## Records provided:
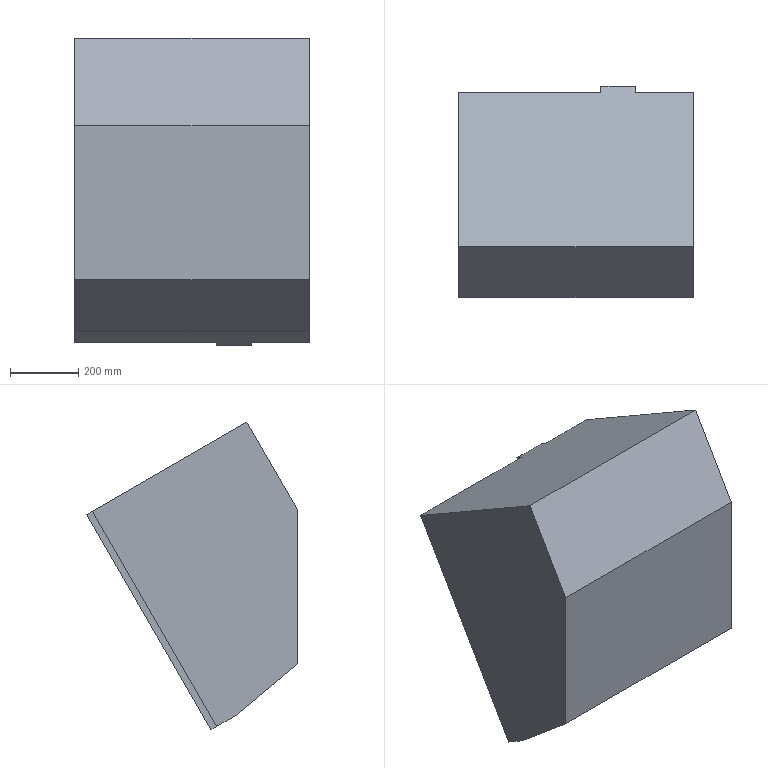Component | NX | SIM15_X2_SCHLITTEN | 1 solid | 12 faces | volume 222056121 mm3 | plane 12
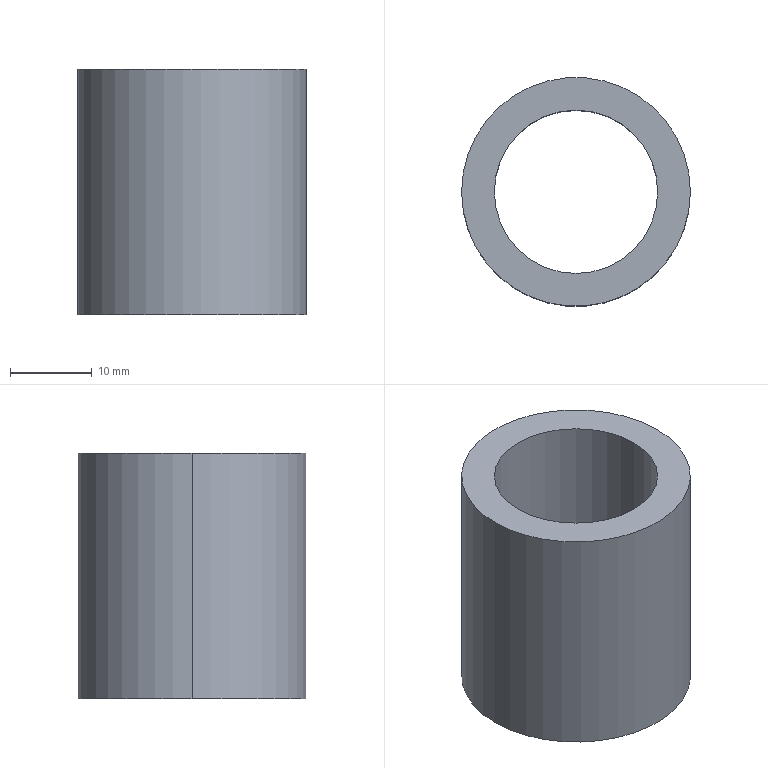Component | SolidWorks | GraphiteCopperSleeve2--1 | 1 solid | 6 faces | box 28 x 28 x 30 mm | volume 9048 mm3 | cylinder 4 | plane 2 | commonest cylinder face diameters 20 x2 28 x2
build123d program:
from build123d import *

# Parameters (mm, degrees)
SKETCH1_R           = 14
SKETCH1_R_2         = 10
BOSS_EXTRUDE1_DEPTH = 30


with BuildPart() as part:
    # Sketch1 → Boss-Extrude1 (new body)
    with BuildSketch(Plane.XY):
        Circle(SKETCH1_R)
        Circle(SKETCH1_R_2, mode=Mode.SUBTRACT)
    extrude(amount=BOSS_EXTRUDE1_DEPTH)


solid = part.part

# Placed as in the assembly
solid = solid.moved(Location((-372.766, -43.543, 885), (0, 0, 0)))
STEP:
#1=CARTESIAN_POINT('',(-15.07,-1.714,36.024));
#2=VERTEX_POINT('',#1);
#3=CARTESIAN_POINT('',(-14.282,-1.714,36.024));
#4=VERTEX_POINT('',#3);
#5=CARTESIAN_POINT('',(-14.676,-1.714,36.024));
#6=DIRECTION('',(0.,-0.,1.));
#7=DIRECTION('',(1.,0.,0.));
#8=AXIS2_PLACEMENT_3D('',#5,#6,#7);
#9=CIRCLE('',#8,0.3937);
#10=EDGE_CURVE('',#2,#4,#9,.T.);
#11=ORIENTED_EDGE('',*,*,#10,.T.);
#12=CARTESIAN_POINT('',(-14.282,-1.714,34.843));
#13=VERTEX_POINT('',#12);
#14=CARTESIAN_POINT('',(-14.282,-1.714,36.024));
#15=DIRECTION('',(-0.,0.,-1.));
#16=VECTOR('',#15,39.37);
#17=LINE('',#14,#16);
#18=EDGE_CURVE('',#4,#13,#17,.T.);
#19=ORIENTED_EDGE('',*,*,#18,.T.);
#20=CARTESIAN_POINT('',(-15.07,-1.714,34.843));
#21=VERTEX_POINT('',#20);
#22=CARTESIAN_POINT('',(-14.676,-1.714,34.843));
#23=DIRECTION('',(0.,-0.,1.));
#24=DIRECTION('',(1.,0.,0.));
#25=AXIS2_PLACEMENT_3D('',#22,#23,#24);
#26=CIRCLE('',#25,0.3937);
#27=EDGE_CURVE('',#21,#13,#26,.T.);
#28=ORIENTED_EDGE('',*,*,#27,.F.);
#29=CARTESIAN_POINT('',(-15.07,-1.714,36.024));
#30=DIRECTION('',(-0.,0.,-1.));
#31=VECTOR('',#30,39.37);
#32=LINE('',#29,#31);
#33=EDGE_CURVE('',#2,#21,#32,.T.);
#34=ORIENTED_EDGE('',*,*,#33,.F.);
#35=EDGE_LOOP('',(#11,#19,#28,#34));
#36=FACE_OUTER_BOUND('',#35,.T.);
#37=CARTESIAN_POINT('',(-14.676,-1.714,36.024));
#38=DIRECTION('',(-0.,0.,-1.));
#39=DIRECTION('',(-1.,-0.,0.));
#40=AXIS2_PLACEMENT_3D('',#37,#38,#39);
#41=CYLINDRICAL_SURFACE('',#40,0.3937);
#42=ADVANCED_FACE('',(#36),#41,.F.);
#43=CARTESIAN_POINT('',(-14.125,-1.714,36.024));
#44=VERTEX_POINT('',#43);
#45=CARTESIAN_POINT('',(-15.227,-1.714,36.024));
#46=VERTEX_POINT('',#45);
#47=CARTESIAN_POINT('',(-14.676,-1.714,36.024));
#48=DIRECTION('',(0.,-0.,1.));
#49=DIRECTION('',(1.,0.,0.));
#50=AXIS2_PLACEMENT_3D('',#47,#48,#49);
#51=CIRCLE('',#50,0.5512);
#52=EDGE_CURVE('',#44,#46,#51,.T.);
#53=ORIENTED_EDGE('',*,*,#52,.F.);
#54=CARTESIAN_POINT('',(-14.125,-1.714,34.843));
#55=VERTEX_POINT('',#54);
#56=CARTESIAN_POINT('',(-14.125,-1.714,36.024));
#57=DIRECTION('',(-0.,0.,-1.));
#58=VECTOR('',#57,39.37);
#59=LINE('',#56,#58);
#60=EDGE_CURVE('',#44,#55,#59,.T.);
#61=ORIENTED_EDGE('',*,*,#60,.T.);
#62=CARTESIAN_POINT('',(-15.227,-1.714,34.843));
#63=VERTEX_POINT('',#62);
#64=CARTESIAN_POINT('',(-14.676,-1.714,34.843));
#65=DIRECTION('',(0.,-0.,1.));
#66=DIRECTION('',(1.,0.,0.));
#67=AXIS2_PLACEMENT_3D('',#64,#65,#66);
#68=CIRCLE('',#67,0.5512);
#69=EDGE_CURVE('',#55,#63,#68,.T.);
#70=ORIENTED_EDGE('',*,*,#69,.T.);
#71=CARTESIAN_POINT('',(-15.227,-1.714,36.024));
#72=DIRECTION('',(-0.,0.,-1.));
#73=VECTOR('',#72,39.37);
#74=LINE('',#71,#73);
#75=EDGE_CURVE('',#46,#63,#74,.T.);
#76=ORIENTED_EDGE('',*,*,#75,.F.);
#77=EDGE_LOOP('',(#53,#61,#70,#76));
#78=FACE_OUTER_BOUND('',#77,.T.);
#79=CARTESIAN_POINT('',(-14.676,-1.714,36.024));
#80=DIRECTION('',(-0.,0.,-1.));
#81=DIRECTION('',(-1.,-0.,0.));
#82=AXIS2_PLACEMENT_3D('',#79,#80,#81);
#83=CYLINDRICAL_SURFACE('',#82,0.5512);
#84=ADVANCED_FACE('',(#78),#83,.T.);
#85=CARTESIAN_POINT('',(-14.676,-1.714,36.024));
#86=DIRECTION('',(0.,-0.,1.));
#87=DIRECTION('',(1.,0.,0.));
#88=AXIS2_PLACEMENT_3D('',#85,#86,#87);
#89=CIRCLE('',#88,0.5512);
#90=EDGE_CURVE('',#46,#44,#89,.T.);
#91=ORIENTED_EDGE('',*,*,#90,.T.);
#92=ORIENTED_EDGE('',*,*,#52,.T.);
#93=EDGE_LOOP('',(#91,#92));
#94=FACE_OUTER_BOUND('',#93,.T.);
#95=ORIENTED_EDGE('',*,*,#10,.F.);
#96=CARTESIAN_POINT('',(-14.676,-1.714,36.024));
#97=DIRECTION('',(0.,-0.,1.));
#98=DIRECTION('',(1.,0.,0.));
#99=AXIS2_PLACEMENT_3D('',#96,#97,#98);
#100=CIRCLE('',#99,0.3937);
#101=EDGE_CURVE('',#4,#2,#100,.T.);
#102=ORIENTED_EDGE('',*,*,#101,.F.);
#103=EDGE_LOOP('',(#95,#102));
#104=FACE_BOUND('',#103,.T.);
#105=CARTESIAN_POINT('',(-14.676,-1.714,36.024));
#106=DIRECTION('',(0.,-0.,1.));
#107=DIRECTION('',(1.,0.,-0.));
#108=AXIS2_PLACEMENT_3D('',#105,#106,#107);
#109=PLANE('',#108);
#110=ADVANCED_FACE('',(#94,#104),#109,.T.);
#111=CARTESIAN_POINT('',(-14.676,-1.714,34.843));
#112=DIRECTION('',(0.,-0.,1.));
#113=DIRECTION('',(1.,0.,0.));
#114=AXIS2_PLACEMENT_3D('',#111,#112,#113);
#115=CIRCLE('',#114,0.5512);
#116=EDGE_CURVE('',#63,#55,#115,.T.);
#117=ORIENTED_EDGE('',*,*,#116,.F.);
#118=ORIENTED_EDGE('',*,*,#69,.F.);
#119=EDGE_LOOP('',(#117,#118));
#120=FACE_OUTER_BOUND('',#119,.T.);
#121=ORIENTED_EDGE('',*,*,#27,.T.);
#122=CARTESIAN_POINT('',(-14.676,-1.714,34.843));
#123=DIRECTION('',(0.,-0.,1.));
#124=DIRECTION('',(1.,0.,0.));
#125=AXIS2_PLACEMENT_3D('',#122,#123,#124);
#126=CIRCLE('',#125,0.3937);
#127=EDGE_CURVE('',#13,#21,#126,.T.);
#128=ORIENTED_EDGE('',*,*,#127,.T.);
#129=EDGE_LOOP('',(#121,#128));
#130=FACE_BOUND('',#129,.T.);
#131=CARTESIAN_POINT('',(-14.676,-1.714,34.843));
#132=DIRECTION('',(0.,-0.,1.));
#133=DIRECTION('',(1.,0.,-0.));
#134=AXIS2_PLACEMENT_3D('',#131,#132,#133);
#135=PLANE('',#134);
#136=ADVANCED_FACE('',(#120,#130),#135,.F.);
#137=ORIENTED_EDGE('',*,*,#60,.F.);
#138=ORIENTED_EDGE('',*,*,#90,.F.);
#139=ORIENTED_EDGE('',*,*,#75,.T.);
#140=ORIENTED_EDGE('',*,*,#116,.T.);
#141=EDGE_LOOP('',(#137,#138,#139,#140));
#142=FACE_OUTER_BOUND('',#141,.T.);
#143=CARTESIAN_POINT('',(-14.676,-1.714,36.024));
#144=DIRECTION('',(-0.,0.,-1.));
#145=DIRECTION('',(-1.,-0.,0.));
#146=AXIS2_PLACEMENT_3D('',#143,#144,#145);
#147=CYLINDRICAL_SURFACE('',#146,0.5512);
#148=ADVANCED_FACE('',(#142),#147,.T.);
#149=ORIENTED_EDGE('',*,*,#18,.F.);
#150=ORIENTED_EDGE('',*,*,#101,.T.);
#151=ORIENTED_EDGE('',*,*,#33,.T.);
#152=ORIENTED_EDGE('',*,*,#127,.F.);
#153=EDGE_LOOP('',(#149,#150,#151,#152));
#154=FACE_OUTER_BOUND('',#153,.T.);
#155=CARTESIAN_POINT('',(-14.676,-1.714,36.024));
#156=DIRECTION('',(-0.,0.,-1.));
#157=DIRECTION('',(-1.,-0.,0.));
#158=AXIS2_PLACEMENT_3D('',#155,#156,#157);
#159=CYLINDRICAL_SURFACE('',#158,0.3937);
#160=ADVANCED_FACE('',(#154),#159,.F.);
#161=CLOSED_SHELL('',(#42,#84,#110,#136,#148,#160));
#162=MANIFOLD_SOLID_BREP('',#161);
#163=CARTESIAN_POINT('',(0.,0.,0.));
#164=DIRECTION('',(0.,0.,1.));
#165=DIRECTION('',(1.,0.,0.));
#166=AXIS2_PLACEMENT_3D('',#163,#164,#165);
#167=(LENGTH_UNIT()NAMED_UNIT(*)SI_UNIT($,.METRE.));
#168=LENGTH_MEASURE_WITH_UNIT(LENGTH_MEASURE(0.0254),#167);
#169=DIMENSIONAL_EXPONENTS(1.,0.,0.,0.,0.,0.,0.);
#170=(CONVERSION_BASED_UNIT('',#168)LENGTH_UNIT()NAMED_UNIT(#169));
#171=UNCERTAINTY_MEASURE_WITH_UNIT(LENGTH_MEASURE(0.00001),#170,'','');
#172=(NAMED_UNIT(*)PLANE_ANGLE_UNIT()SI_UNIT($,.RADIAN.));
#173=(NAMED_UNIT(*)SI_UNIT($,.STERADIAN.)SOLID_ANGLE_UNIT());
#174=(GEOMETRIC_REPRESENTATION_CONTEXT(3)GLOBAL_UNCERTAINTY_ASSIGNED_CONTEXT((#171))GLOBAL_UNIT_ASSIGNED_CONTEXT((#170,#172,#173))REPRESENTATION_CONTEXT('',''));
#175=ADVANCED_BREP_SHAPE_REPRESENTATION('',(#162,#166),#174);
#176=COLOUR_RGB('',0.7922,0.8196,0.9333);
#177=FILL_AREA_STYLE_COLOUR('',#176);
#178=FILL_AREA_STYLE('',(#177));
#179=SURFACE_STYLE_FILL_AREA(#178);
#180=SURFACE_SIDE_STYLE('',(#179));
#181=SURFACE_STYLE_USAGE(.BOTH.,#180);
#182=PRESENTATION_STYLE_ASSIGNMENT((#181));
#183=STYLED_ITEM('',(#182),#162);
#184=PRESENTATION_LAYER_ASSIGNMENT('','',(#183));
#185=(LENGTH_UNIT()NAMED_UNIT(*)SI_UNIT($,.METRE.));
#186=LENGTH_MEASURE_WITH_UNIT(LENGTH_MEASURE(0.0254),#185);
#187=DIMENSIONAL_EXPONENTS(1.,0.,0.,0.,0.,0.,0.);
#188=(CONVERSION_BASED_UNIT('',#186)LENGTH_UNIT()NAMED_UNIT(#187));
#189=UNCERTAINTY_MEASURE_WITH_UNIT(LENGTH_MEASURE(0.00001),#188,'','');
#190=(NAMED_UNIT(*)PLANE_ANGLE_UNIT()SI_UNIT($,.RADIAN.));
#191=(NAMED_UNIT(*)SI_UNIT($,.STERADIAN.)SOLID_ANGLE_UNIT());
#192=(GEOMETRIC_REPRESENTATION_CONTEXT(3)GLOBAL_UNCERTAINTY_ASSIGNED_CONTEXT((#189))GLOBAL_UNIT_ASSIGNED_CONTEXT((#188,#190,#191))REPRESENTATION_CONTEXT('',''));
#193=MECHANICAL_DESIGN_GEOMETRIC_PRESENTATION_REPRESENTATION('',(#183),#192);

## Exercise:
All lines above from the line with "#87=DIRECTION('',(1.,0.,0.));" through the line with "#129=EDGE_LOOP('',(#121,#128));", both included, are to be set down exactly, with nothing else.

## The completed task:
#87=DIRECTION('',(1.,0.,0.));
#88=AXIS2_PLACEMENT_3D('',#85,#86,#87);
#89=CIRCLE('',#88,0.5512);
#90=EDGE_CURVE('',#46,#44,#89,.T.);
#91=ORIENTED_EDGE('',*,*,#90,.T.);
#92=ORIENTED_EDGE('',*,*,#52,.T.);
#93=EDGE_LOOP('',(#91,#92));
#94=FACE_OUTER_BOUND('',#93,.T.);
#95=ORIENTED_EDGE('',*,*,#10,.F.);
#96=CARTESIAN_POINT('',(-14.676,-1.714,36.024));
#97=DIRECTION('',(0.,-0.,1.));
#98=DIRECTION('',(1.,0.,0.));
#99=AXIS2_PLACEMENT_3D('',#96,#97,#98);
#100=CIRCLE('',#99,0.3937);
#101=EDGE_CURVE('',#4,#2,#100,.T.);
#102=ORIENTED_EDGE('',*,*,#101,.F.);
#103=EDGE_LOOP('',(#95,#102));
#104=FACE_BOUND('',#103,.T.);
#105=CARTESIAN_POINT('',(-14.676,-1.714,36.024));
#106=DIRECTION('',(0.,-0.,1.));
#107=DIRECTION('',(1.,0.,-0.));
#108=AXIS2_PLACEMENT_3D('',#105,#106,#107);
#109=PLANE('',#108);
#110=ADVANCED_FACE('',(#94,#104),#109,.T.);
#111=CARTESIAN_POINT('',(-14.676,-1.714,34.843));
#112=DIRECTION('',(0.,-0.,1.));
#113=DIRECTION('',(1.,0.,0.));
#114=AXIS2_PLACEMENT_3D('',#111,#112,#113);
#115=CIRCLE('',#114,0.5512);
#116=EDGE_CURVE('',#63,#55,#115,.T.);
#117=ORIENTED_EDGE('',*,*,#116,.F.);
#118=ORIENTED_EDGE('',*,*,#69,.F.);
#119=EDGE_LOOP('',(#117,#118));
#120=FACE_OUTER_BOUND('',#119,.T.);
#121=ORIENTED_EDGE('',*,*,#27,.T.);
#122=CARTESIAN_POINT('',(-14.676,-1.714,34.843));
#123=DIRECTION('',(0.,-0.,1.));
#124=DIRECTION('',(1.,0.,0.));
#125=AXIS2_PLACEMENT_3D('',#122,#123,#124);
#126=CIRCLE('',#125,0.3937);
#127=EDGE_CURVE('',#13,#21,#126,.T.);
#128=ORIENTED_EDGE('',*,*,#127,.T.);
#129=EDGE_LOOP('',(#121,#128));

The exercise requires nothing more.